*Exercise aim*:
Exactly retype the lines from the top of the data through the line containing "from ifc_helpers import", leaving out every picture.

▬▬▬▬▬▬▬▬▬▬

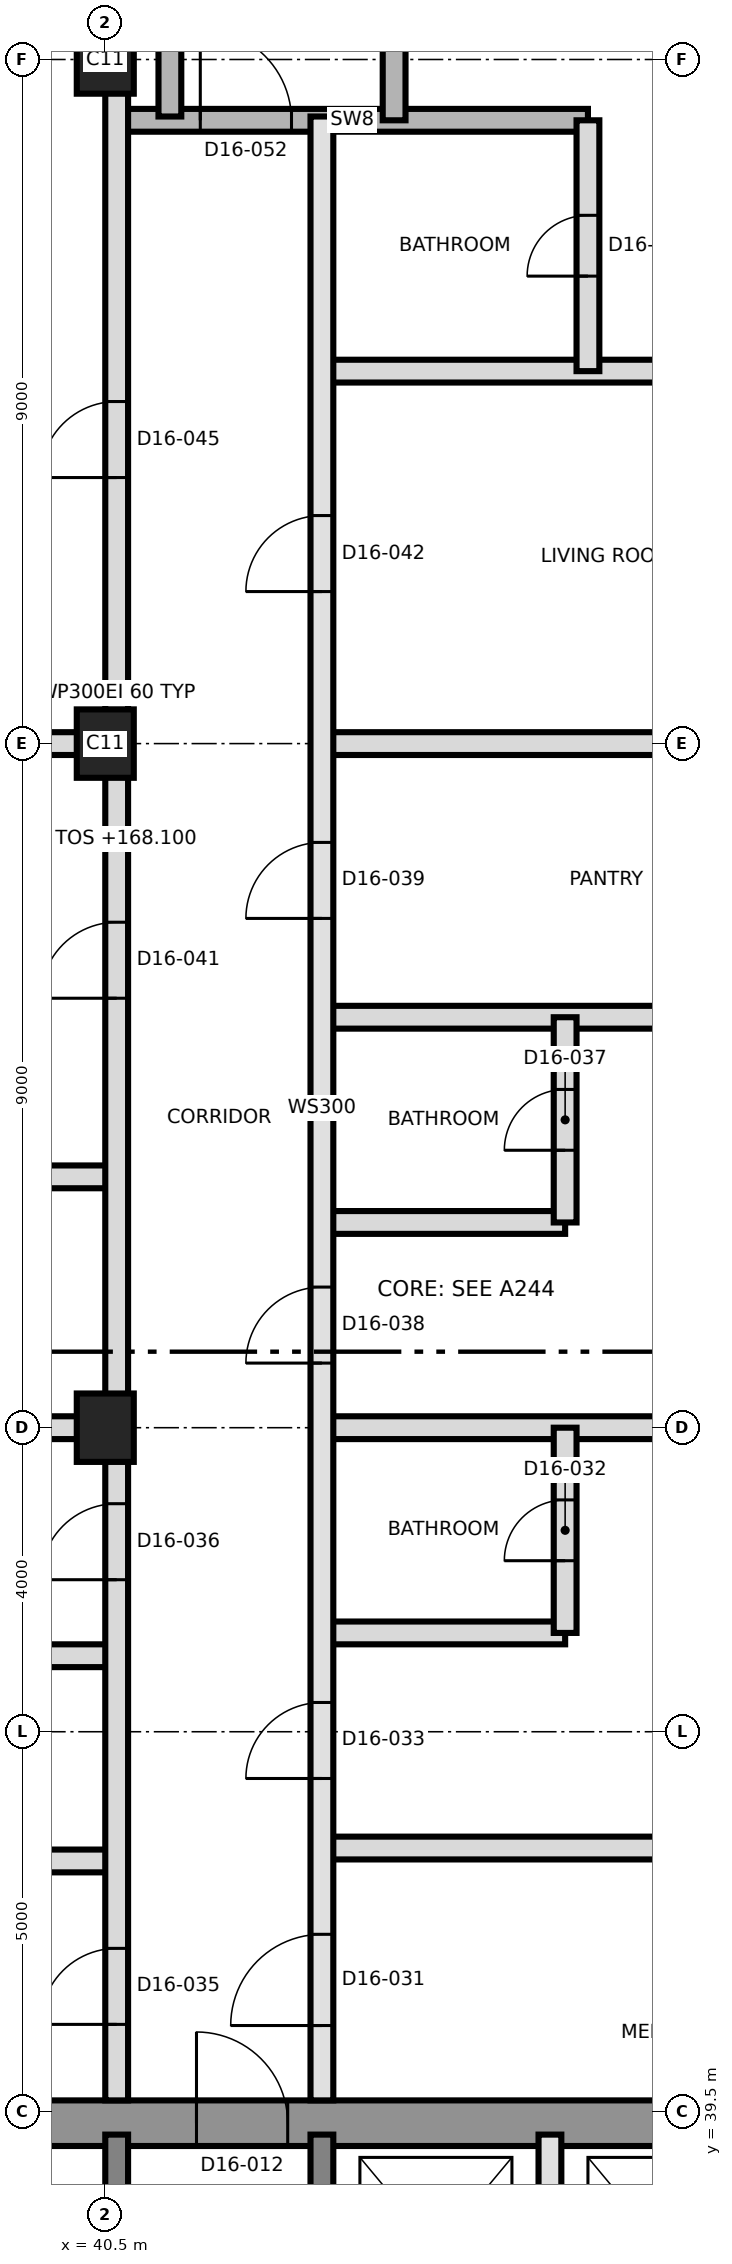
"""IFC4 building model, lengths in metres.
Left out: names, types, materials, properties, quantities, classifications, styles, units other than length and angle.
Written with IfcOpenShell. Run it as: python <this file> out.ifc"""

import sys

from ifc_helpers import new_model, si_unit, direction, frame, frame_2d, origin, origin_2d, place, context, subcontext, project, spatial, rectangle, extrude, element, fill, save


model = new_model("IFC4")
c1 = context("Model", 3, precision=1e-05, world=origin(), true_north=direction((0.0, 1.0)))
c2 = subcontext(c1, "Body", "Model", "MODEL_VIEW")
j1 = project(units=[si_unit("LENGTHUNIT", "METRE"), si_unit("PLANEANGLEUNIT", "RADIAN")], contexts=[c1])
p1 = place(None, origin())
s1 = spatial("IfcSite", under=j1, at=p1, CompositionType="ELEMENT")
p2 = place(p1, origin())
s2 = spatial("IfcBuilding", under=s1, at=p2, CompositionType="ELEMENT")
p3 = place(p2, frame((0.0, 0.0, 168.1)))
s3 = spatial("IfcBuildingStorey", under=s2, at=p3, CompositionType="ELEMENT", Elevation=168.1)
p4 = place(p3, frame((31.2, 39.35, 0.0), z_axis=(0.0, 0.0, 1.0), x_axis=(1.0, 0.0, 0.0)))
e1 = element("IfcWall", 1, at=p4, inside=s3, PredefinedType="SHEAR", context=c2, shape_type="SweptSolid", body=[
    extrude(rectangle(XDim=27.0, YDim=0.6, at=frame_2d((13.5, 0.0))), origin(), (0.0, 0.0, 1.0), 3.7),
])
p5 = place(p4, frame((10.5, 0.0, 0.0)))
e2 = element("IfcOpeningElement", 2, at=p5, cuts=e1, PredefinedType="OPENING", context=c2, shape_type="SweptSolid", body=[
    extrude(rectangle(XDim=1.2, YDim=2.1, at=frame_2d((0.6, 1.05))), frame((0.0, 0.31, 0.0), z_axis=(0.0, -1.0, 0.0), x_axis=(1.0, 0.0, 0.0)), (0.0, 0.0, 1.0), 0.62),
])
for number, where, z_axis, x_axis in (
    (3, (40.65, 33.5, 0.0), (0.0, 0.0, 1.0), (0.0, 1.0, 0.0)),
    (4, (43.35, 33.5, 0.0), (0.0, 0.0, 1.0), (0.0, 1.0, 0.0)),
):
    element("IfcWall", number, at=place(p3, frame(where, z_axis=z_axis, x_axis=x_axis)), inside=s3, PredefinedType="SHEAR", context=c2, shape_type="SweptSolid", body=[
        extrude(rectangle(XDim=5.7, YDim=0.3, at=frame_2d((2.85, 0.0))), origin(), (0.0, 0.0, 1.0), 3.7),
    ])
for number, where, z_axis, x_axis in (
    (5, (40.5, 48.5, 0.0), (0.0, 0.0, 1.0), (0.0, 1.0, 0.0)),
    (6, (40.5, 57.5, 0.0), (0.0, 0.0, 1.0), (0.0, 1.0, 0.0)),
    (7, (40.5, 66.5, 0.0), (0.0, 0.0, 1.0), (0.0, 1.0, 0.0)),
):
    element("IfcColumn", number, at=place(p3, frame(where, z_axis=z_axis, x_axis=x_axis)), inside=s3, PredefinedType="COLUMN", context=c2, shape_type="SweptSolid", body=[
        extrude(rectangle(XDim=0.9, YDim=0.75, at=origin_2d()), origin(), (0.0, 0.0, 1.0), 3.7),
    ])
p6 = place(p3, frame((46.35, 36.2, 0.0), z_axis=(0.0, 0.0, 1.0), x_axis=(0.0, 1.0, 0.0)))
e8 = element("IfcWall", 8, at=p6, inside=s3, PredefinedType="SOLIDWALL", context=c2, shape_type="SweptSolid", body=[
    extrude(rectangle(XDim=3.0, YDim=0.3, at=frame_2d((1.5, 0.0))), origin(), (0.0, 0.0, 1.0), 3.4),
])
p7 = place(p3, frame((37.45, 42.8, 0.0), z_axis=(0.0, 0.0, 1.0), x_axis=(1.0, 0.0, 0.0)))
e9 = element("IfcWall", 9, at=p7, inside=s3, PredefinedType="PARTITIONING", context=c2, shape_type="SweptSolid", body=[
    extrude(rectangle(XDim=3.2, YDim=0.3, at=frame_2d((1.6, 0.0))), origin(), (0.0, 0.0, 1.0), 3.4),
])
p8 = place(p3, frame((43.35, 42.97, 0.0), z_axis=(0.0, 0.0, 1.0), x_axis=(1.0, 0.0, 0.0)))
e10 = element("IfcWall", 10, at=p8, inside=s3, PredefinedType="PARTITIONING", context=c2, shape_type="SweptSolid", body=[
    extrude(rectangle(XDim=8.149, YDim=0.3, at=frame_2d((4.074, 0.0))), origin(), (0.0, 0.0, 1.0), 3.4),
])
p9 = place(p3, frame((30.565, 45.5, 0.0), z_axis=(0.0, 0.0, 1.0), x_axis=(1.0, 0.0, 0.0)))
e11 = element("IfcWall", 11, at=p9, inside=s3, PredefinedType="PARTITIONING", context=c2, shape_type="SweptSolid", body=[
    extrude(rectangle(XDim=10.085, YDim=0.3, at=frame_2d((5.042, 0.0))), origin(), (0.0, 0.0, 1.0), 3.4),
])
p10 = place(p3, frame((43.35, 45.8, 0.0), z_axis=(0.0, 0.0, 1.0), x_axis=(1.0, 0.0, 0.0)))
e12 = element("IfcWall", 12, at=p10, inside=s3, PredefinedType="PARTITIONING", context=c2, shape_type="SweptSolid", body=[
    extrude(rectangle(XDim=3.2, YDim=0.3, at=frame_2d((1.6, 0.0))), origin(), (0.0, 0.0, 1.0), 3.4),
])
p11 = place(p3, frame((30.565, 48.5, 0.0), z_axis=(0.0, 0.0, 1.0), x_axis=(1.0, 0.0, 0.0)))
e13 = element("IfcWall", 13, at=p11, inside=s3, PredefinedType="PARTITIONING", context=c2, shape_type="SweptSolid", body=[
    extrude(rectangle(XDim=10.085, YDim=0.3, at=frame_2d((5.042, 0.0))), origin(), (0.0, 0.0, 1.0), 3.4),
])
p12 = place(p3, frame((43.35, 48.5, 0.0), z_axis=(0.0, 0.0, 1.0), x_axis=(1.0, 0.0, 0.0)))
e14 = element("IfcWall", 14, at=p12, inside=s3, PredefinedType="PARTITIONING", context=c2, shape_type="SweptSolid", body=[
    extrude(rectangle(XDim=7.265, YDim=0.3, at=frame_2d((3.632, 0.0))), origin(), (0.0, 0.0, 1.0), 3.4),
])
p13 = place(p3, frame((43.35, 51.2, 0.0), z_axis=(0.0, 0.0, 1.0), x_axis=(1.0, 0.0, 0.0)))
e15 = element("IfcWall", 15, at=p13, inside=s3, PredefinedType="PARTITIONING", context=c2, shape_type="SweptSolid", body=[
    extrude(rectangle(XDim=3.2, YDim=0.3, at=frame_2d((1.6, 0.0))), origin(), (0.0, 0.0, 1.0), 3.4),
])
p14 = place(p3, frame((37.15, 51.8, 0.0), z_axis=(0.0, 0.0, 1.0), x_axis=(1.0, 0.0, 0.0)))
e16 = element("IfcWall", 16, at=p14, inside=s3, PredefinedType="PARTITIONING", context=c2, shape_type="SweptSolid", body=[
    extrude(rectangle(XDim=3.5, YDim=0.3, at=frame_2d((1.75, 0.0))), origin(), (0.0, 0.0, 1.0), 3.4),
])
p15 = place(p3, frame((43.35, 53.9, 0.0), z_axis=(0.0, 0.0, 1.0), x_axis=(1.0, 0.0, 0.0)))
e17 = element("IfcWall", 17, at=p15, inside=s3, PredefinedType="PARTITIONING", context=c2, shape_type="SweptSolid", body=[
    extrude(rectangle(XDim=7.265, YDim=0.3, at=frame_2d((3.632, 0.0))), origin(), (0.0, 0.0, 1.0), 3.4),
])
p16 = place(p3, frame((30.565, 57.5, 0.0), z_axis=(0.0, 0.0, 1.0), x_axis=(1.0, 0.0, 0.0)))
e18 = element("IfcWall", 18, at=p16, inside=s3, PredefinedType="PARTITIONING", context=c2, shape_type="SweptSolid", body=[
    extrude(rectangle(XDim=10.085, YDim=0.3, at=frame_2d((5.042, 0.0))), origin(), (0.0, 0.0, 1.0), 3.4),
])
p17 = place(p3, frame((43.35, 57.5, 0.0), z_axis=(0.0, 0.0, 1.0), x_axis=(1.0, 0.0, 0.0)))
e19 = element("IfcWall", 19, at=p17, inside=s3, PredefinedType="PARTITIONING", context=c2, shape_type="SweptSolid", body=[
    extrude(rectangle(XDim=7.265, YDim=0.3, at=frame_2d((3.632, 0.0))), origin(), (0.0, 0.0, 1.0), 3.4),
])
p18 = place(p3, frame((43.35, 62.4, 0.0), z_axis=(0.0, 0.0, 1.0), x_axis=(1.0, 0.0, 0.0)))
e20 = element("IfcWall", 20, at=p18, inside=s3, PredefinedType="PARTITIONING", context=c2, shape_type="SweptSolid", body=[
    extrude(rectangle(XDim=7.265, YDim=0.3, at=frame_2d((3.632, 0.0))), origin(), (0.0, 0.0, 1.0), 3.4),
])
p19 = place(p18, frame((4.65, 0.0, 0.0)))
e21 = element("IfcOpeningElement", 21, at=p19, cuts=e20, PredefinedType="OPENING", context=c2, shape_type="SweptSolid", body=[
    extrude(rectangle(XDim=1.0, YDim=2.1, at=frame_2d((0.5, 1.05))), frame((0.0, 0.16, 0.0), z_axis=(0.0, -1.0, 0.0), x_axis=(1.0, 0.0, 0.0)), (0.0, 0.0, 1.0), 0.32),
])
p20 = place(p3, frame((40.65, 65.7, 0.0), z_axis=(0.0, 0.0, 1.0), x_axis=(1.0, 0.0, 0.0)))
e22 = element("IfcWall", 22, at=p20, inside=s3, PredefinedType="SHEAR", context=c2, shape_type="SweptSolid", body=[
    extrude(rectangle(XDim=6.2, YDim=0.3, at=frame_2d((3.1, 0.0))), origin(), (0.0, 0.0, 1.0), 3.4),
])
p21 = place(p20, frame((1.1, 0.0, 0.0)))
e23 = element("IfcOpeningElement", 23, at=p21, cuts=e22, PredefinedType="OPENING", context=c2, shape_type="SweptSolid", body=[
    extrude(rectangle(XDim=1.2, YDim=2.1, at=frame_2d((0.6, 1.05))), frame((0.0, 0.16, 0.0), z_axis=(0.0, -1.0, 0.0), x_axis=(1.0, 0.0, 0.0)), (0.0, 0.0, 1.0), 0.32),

▬▬▬▬▬▬▬▬▬▬

*Task solution*:
"""IFC4 building model, lengths in metres.
Left out: names, types, materials, properties, quantities, classifications, styles, units other than length and angle.
Written with IfcOpenShell. Run it as: python <this file> out.ifc"""

import sys

from ifc_helpers import new_model, si_unit, direction, frame, frame_2d, origin, origin_2d, place, context, subcontext, project, spatial, rectangle, extrude, element, fill, save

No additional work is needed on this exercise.